Try it: Where the records below reach the line containing "line L2 (-50, -100) -> (0, -100)", start transcribing, and end with the line containing "arc A1 (-44, -18.5592)", exactly and with nothing else added.

============

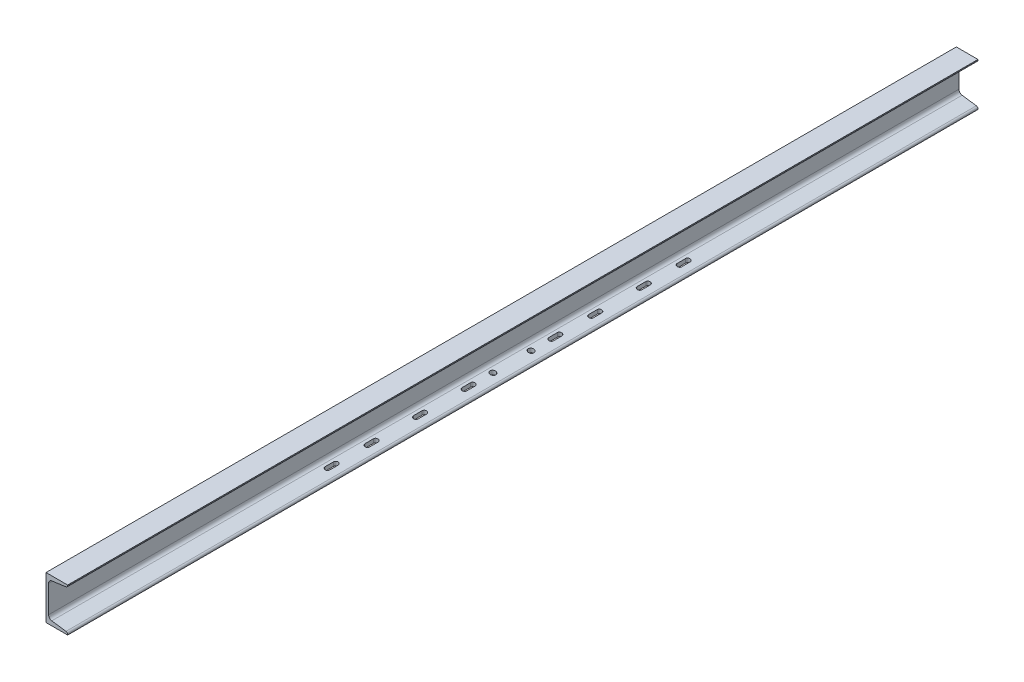
SolidWorks part; units mm, degrees
ref_plane "前视基准面" through (0, 0, 0) normal (0, 0, 1) x (1, 0, 0)
ref_plane "上视基准面" through (0, 0, 0) normal (0, 1, 0) x (1, 0, 0)
ref_plane "右视基准面" through (0, 0, 0) normal (1, 0, 0) x (0, 0, -1)
sketch "草图1" plane through (0, 0, 0) normal (0, 0, 1) x (1, 0, 0)
  line L0 (0, 0) -> (-50, 0)
  line L1 (-50, 0) -> (-50, -100)
  line L2 (-50, -100) -> (0, -100)
  line L3 (0, -100) -> (0, -98.9253)
  line L4 (-3.8737, -94.4691) -> (-36.683, -89.8581)
  line L5 (-44, -81.4408) -> (-44, -18.5592)
  line L6 (-36.683, -10.1419) -> (-3.8737, -5.5309)
  line L7 (0, -1.0747) -> (0, 0)
  line L8 (-25, -91.5) -> (-25, -100) construction
  arc A0 (-36.683, -89.8581) -> (-44, -81.4408) centre (-35.5, -81.4408) cw
  arc A1 (-44, -18.5592) -> (-36.683, -10.1419) centre (-35.5, -18.5592) cw
  arc A2 (0, -98.9253) -> (-3.8737, -94.4691) centre (-4.5, -98.9253) ccw
  arc A3 (-3.8737, -5.5309) -> (0, -1.0747) centre (-4.5, -1.0747) ccw
  dimension "D8" = 8.5
  dimension "D9" = 4.5
  dimension "D1" = 100
  dimension "D2" = 50
  dimension "D3" = 6
  dimension "D4" = 25
  dimension "D5" = 8.5
  dimension "D6" = 8
  dimension "D7" = 8
extrude "凸台-拉伸1" add sketch "草图1" along normal blind 2100
sketch "草图2" plane through (-50, 0, 0) normal (-1, 0, 0) x (0, 0, 1)
  line L0 (0, 0) -> (0, -100) construction
  line L1 (2100, 0) -> (0, 0) construction
  circle A0 centre (59.6, -30) radius 6.5
  circle A1 centre (183.4, -30) radius 6.5
  circle A2 centre (307.2, -30) radius 6.5
  circle A3 centre (431, -30) radius 6.5
  circle A4 centre (554.8, -30) radius 6.5
  circle A5 centre (678.6, -30) radius 6.5
  circle A6 centre (802.4, -30) radius 6.5
  circle A7 centre (926.2, -30) radius 6.5
  circle A8 centre (1050, -30) radius 6.5
  circle A9 centre (1173.8, -30) radius 6.5
  circle A10 centre (1297.6, -30) radius 6.5
  circle A11 centre (1421.4, -30) radius 6.5
  circle A12 centre (1545.2, -30) radius 6.5
  circle A13 centre (1669, -30) radius 6.5
  circle A14 centre (1792.8, -30) radius 6.5
  circle A15 centre (1916.6, -30) radius 6.5
  circle A16 centre (2040.4, -30) radius 6.5
  dimension "D3" = 13
  dimension "D4" = 30
  dimension "D2" = 59.6
  dimension "D1" = 17
extrude "切除-拉伸1" cut sketch "草图2" against normal blind 2100
sketch "草图6" plane through (0, -100, 0) normal (0, -1, 0) x (1, 0, 0)
  line L0 (-25, 644) -> (-25, 664) construction
  line L1 (-30.25, 644) -> (-30.25, 664)
  line L2 (-19.75, 644) -> (-19.75, 664)
  line L3 (-25, 736) -> (-25, 756) construction
  line L4 (-30.25, 736) -> (-30.25, 756)
  line L5 (-19.75, 736) -> (-19.75, 756)
  line L6 (-25, 868) -> (-25, 848) construction
  line L7 (-19.75, 868) -> (-19.75, 848)
  line L8 (-30.25, 868) -> (-30.25, 848)
  line L9 (-25, 960) -> (-25, 940) construction
  line L10 (-19.75, 960) -> (-19.75, 940)
  line L11 (-30.25, 960) -> (-30.25, 940)
  line L12 (-25, 1272) -> (-25, 1252) construction
  line L13 (-19.75, 1272) -> (-19.75, 1252)
  line L14 (-30.25, 1272) -> (-30.25, 1252)
  line L15 (-25, 1476) -> (-25, 1456) construction
  line L16 (-19.75, 1476) -> (-19.75, 1456)
  line L17 (-30.25, 1476) -> (-30.25, 1456)
  line L18 (-25, 1384) -> (-25, 1364) construction
  line L19 (-19.75, 1384) -> (-19.75, 1364)
  line L20 (-30.25, 1384) -> (-30.25, 1364)
  line L21 (-25, 1160) -> (-25, 1140) construction
  line L22 (-19.75, 1160) -> (-19.75, 1140)
  line L23 (-30.25, 1160) -> (-30.25, 1140)
  line L24 (-50, 2100) -> (-50, 0) construction
  line L26 (0, 2100) -> (0, 0) construction
  arc A0 (-30.25, 644) -> (-19.75, 644) centre (-25, 644) ccw
  arc A1 (-19.75, 664) -> (-30.25, 664) centre (-25, 664) ccw
  arc A2 (-30.25, 736) -> (-19.75, 736) centre (-25, 736) ccw
  arc A3 (-19.75, 756) -> (-30.25, 756) centre (-25, 756) ccw
  arc A4 (-19.75, 868) -> (-30.25, 868) centre (-25, 868) ccw
  arc A5 (-30.25, 848) -> (-19.75, 848) centre (-25, 848) ccw
  arc A6 (-19.75, 960) -> (-30.25, 960) centre (-25, 960) ccw
  arc A7 (-30.25, 940) -> (-19.75, 940) centre (-25, 940) ccw
  arc A8 (-19.75, 1272) -> (-30.25, 1272) centre (-25, 1272) ccw
  arc A9 (-30.25, 1252) -> (-19.75, 1252) centre (-25, 1252) ccw
  arc A10 (-19.75, 1476) -> (-30.25, 1476) centre (-25, 1476) ccw
  arc A11 (-30.25, 1456) -> (-19.75, 1456) centre (-25, 1456) ccw
  arc A12 (-19.75, 1384) -> (-30.25, 1384) centre (-25, 1384) ccw
  arc A13 (-30.25, 1364) -> (-19.75, 1364) centre (-25, 1364) ccw
  arc A14 (-19.75, 1160) -> (-30.25, 1160) centre (-25, 1160) ccw
  arc A15 (-30.25, 1140) -> (-19.75, 1140) centre (-25, 1140) ccw
  circle A16 centre (-25, 1006) radius 6.5
  circle A17 centre (-25, 1094) radius 6.5
  point P2 (-25, 654)
  point P7 (-25, 746)
  point P16 (-25, 858)
  point P21 (-25, 950)
  point P28 (-25, 1262)
  point P35 (-25, 1466)
  point P42 (-25, 1374)
  point P49 (-25, 1150)
  point P58 (-50, 1050)
  point P65 (0, 0)
  dimension "D12" = 13
  dimension "D13" = 13
  dimension "D1" = 92
  dimension "D2" = 10.5
  dimension "D3" = 20
  dimension "D4" = 112
  dimension "D5" = 92
  dimension "D6" = 200
  dimension "D7" = 100
  dimension "D8" = 112
  dimension "D9" = 92
  dimension "D10" = 112
  dimension "D11" = 25
  dimension "D14" = 88
  dimension "D15" = 44
extrude "切除-拉伸3" cut sketch "草图6" against normal blind 10
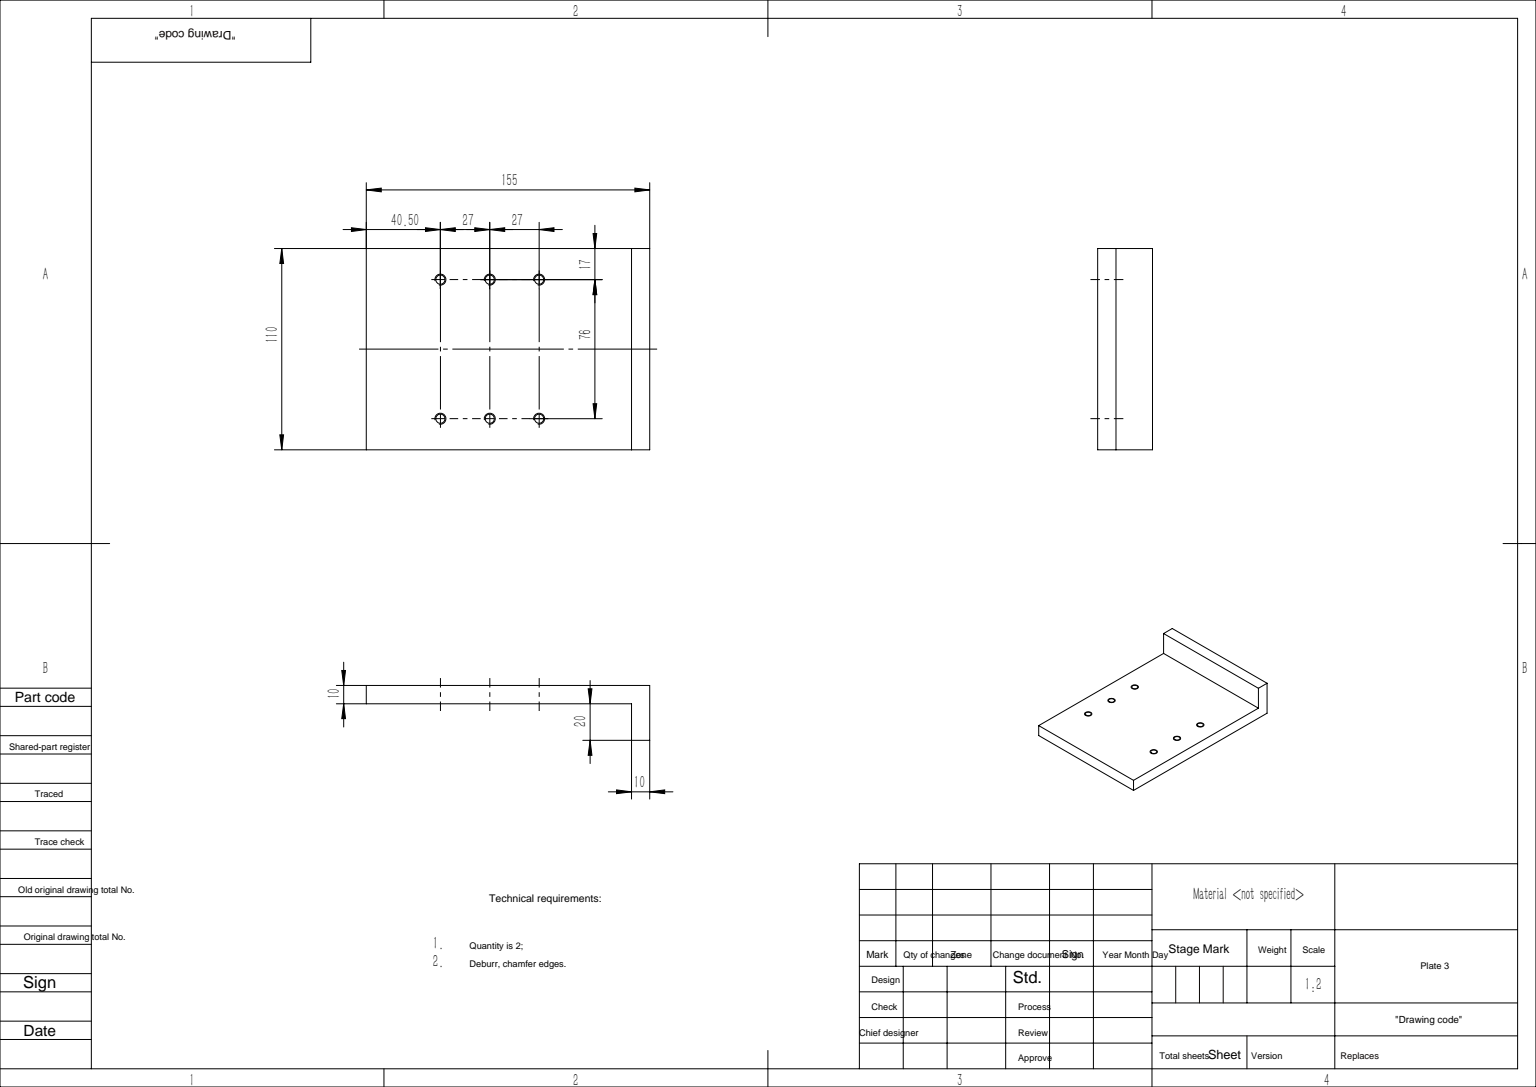
SolidWorks part; units mm, degrees
ref_plane "前视基准面" through (0, 0, 0) normal (0, 0, 1) x (1, 0, 0)
ref_plane "上视基准面" through (0, 0, 0) normal (0, 1, 0) x (1, 0, 0)
ref_plane "右视基准面" through (0, 0, 0) normal (1, 0, 0) x (0, 0, -1)
sketch "草图2" plane through (0, 0, 0) normal (0, 1, 0) x (1, 0, 0)
  line L1 (-55, -67.5) -> (55, -67.5)
  line L2 (-55, -67.5) -> (-55, 67.5)
  line L3 (-55, 67.5) -> (55, 67.5)
  line L4 (55, -67.5) -> (55, 67.5)
  line L5 (-55, -67.5) -> (55, 67.5) construction
  line L6 (-55, 67.5) -> (55, -67.5) construction
  point P0 (0, 0)
  dimension "D1" = 135
  dimension "D2" = 110
extrude "凸台-拉伸1" add sketch "草图2" along normal blind 10
hole_wizard "M6 螺纹孔1" positions "草图6" profile "草图5" tap size "M6" standard "GB" end condition through all
sketch "草图6" plane through (0, 10, 0) normal (0, 1, 0) x (1, 0, 0)
  point P0 (-38, 27)
  point P5 (-38, 0)
  point P8 (38, 0)
  point P11 (-38, -27)
  point P14 (38, -27)
  point P18 (38, 27)
sketch "草图5" plane through (-38, 10, -27) normal (1, 0, 0) x (0, 0, 1)
  line L0 (0, 0) -> (0, 10)
  line L1 (0, 10) -> (2.5, 10)
  line L2 (2.5, 10) -> (2.5, 0)
  line L5 (2.5, 0) -> (0, 0)
  line L11 (0, -6.35) -> (0, 107.95) construction
  dimension "通孔螺纹孔钻头直径" = 5
  dimension "通孔螺纹孔钻头深度" = 10
cosmetic thread "孔螺蚊线1" parameters "D2"=6
cosmetic thread "孔螺蚊线2" parameters "D2"=6
cosmetic thread "孔螺蚊线3" parameters "D2"=6
cosmetic thread "孔螺蚊线4" parameters "D2"=6
cosmetic thread "孔螺蚊线5" parameters "D2"=6
cosmetic thread "孔螺蚊线6" parameters "D2"=6
sketch "草图11" plane through (0, 0, 0) normal (0, -1, 0) x (1, 0, 0)
  line L0 (55, 67.5) -> (55, -67.5) construction
  line L1 (-55, -67.5) -> (55, -67.5)
  line L2 (-55, -67.5) -> (-55, -87.5)
  line L3 (-55, -87.5) -> (55, -87.5)
  line L4 (55, -67.5) -> (55, -87.5)
  dimension "D1" = 20
extrude "凸台-拉伸6" add sketch "草图11" against normal blind 10
sketch "草图15" plane through (0, 0, -87.5) normal (0, 0, -1) x (-1, 0, 0)
  line L0 (-55, 10) -> (-55, 0) construction
  line L1 (-55, 30) -> (55, 30)
  line L2 (-55, 30) -> (-55, 0)
  line L3 (-55, 0) -> (55, 0)
  line L4 (55, 30) -> (55, 0)
  line L6 (55, 10) -> (55, 0) construction
  dimension "D1" = 30
extrude "凸台-拉伸7" add sketch "草图15" against normal blind 10

============

Task answer:
  line L2 (-50, -100) -> (0, -100)
  line L3 (0, -100) -> (0, -98.9253)
  line L4 (-3.8737, -94.4691) -> (-36.683, -89.8581)
  line L5 (-44, -81.4408) -> (-44, -18.5592)
  line L6 (-36.683, -10.1419) -> (-3.8737, -5.5309)
  line L7 (0, -1.0747) -> (0, 0)
  line L8 (-25, -91.5) -> (-25, -100) construction
  arc A0 (-36.683, -89.8581) -> (-44, -81.4408) centre (-35.5, -81.4408) cw
  arc A1 (-44, -18.5592) -> (-36.683, -10.1419) centre (-35.5, -18.5592) cw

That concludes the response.